◆ **What to work on**: What you return must be the lines of the data that hold the word "where".

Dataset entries
··········

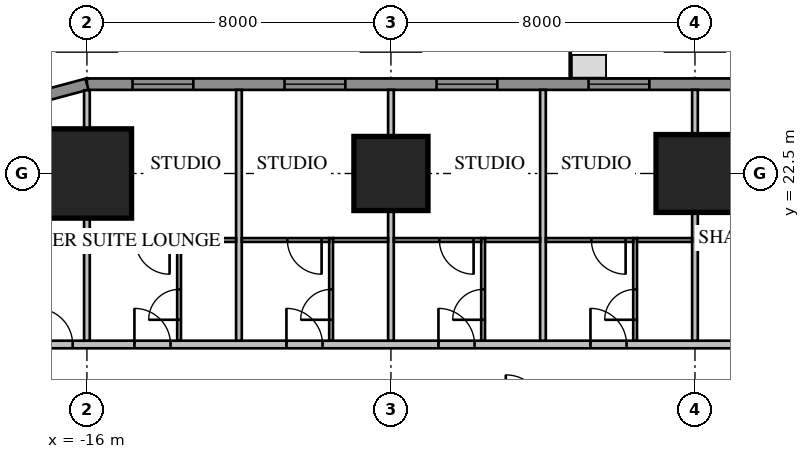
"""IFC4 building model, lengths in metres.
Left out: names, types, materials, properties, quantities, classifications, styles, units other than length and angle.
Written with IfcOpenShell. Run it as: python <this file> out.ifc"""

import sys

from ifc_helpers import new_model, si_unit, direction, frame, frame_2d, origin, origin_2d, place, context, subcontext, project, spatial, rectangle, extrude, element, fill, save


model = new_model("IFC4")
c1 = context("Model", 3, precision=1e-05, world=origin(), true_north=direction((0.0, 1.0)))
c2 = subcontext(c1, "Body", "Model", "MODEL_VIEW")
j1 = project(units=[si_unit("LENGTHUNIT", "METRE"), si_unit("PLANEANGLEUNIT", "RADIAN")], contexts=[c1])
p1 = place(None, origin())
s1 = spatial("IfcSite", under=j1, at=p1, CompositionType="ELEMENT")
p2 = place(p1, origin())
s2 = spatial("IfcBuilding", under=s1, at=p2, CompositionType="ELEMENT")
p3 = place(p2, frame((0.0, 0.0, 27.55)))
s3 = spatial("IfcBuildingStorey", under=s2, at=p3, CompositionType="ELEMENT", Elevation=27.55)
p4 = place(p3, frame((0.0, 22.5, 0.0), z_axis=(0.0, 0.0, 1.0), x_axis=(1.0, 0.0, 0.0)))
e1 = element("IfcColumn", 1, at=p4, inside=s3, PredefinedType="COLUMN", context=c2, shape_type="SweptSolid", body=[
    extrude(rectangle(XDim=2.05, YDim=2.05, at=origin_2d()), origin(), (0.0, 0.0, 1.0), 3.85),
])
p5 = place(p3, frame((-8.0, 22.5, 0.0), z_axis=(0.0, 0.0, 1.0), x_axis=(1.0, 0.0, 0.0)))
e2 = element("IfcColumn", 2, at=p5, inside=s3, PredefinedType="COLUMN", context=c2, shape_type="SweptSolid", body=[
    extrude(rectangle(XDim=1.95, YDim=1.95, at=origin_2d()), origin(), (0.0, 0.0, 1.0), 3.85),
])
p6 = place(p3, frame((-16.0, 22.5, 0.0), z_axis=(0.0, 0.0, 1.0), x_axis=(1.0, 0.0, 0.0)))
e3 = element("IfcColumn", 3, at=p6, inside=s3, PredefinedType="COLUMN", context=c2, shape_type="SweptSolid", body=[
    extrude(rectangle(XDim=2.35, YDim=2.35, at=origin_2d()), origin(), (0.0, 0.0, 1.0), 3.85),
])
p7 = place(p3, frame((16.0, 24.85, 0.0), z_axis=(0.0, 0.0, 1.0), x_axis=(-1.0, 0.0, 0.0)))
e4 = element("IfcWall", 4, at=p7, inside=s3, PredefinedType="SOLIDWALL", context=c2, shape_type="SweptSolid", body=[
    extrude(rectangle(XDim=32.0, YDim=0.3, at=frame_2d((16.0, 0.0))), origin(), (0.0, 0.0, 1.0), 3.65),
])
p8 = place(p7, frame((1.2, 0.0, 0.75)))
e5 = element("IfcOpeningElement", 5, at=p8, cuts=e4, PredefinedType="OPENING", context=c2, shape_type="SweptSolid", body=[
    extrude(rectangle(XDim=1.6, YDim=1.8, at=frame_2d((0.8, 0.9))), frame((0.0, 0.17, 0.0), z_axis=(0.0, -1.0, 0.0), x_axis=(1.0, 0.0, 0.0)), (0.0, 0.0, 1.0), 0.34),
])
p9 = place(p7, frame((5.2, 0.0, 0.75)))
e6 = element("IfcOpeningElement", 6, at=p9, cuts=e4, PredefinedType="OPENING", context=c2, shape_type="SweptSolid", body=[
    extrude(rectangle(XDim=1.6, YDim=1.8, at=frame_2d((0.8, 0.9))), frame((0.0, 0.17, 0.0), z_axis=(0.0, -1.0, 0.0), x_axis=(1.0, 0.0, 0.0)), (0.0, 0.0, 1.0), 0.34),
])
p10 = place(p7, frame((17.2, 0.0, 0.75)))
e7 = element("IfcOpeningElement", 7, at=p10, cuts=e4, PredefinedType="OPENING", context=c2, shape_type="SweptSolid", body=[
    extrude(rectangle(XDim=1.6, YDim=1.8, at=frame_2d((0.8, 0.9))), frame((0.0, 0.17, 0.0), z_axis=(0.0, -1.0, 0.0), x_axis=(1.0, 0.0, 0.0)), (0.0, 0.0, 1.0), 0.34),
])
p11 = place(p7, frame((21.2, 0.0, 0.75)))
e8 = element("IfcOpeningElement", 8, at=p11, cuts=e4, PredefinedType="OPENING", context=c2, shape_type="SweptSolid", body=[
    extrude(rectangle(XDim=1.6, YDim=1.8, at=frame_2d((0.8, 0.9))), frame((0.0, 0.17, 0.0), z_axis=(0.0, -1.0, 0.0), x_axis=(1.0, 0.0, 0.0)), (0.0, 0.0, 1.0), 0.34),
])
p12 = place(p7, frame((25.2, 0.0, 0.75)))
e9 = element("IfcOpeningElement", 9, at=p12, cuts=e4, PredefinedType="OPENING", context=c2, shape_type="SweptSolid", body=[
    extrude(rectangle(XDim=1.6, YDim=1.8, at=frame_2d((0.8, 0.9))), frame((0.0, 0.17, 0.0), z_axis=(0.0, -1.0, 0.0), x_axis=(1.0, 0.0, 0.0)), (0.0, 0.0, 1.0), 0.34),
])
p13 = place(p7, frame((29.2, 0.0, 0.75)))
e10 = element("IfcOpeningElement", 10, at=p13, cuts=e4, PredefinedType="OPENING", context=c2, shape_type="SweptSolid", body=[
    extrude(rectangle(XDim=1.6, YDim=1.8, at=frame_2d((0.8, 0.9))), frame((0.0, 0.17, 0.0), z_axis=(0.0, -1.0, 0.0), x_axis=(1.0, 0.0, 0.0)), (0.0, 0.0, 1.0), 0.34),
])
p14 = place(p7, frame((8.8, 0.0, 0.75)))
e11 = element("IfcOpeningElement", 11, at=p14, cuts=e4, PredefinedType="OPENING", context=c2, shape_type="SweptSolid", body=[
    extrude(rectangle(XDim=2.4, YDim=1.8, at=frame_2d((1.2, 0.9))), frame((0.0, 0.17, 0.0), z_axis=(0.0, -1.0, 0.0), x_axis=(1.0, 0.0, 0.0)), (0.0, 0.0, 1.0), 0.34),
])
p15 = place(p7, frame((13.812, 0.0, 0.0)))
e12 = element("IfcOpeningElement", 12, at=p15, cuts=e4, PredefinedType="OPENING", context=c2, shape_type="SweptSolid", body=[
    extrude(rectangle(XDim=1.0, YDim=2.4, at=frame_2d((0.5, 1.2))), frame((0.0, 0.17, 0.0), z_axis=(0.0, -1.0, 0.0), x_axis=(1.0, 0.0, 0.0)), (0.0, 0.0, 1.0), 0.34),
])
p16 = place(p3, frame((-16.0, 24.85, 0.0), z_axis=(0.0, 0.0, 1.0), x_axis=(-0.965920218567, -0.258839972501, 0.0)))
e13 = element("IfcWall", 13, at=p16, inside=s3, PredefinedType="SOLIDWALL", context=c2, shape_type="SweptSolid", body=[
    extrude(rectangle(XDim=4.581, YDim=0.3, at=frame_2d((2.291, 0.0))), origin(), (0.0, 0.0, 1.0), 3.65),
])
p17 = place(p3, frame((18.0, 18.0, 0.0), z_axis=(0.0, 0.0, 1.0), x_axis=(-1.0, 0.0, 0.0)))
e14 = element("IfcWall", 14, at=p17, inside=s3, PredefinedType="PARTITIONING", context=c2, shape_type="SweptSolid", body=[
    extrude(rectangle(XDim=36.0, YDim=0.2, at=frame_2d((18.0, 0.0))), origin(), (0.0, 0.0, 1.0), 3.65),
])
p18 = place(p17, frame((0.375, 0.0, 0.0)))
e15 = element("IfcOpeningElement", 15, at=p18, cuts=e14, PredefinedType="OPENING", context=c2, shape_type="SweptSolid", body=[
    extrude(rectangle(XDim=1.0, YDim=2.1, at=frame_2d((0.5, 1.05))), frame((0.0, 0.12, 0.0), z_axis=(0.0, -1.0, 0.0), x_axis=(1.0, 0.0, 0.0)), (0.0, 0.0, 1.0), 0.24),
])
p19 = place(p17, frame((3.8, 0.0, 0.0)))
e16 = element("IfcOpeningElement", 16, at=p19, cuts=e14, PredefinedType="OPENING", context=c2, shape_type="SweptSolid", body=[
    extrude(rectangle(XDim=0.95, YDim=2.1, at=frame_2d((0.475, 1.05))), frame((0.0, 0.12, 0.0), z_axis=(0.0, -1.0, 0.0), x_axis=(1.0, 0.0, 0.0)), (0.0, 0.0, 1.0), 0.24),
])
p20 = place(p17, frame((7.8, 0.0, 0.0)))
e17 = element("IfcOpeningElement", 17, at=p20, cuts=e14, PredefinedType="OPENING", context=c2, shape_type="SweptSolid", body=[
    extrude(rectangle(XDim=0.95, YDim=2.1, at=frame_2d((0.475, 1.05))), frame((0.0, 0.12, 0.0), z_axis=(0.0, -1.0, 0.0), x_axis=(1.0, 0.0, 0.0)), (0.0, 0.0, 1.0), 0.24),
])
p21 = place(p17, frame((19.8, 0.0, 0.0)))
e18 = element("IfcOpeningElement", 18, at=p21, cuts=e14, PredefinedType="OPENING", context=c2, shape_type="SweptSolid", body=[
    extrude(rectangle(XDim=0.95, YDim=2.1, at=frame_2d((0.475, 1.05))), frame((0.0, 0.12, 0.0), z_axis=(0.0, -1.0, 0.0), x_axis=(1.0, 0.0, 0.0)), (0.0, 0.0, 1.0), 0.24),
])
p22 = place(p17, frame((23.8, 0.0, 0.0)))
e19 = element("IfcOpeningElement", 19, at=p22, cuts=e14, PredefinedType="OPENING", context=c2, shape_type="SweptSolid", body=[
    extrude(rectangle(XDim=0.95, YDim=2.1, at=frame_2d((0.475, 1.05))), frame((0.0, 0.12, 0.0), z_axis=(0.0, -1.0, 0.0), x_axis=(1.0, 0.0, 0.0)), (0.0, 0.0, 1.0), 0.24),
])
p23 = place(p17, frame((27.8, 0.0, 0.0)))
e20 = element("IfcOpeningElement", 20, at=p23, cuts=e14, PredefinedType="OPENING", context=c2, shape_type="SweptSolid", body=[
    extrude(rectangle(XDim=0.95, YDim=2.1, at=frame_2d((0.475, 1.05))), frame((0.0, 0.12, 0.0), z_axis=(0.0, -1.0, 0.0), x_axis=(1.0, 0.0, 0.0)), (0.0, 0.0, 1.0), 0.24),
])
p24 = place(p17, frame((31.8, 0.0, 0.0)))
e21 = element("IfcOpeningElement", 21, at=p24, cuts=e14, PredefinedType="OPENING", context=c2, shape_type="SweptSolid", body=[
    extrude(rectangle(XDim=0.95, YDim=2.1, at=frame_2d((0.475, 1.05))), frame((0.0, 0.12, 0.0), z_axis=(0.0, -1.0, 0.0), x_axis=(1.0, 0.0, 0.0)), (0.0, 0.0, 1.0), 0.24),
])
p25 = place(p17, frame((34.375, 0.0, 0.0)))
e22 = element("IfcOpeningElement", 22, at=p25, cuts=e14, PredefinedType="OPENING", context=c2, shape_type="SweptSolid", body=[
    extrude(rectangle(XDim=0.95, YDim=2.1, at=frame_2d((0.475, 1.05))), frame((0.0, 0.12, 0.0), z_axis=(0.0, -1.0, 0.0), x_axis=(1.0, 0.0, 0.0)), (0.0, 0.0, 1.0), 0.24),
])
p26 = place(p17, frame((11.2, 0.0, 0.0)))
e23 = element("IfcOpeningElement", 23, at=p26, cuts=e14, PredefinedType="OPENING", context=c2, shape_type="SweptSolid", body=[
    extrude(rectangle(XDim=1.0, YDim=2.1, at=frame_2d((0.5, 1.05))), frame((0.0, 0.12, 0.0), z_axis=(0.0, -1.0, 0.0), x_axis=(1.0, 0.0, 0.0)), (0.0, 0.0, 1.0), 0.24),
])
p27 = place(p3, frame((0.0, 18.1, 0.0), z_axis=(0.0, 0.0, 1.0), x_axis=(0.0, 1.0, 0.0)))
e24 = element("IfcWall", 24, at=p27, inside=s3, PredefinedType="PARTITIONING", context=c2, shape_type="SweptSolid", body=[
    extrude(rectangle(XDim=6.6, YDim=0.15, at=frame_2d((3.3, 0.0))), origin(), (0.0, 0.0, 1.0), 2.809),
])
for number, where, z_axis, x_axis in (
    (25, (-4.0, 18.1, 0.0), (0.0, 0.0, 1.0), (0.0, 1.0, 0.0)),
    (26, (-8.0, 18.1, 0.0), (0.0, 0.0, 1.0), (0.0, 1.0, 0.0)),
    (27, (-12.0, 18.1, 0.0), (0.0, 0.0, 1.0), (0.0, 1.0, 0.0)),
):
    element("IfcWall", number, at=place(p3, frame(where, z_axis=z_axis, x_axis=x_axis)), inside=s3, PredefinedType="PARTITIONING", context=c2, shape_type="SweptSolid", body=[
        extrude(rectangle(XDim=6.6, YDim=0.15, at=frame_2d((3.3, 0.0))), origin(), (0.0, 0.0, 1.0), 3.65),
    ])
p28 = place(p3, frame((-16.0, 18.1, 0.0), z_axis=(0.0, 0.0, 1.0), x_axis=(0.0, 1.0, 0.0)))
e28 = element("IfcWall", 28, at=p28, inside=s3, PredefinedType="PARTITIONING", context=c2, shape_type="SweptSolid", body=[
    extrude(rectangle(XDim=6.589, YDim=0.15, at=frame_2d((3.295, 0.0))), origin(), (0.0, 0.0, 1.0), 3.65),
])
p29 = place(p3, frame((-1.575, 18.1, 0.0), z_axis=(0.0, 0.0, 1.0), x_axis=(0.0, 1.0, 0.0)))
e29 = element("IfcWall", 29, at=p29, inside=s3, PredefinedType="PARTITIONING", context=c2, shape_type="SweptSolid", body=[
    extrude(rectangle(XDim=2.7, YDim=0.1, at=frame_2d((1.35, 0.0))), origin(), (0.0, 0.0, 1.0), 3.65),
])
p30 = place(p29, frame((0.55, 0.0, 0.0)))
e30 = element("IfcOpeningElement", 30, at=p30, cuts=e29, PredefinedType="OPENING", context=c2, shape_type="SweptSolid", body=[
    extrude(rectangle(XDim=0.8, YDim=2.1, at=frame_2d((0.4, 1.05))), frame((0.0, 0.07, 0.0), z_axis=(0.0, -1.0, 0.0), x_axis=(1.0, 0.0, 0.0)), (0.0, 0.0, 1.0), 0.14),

··········

◆ **Output of the exercise**:
for number, where, z_axis, x_axis in (
    element("IfcWall", number, at=place(p3, frame(where, z_axis=z_axis, x_axis=x_axis)), inside=s3, PredefinedType="PARTITIONING", context=c2, shape_type="SweptSolid", body=[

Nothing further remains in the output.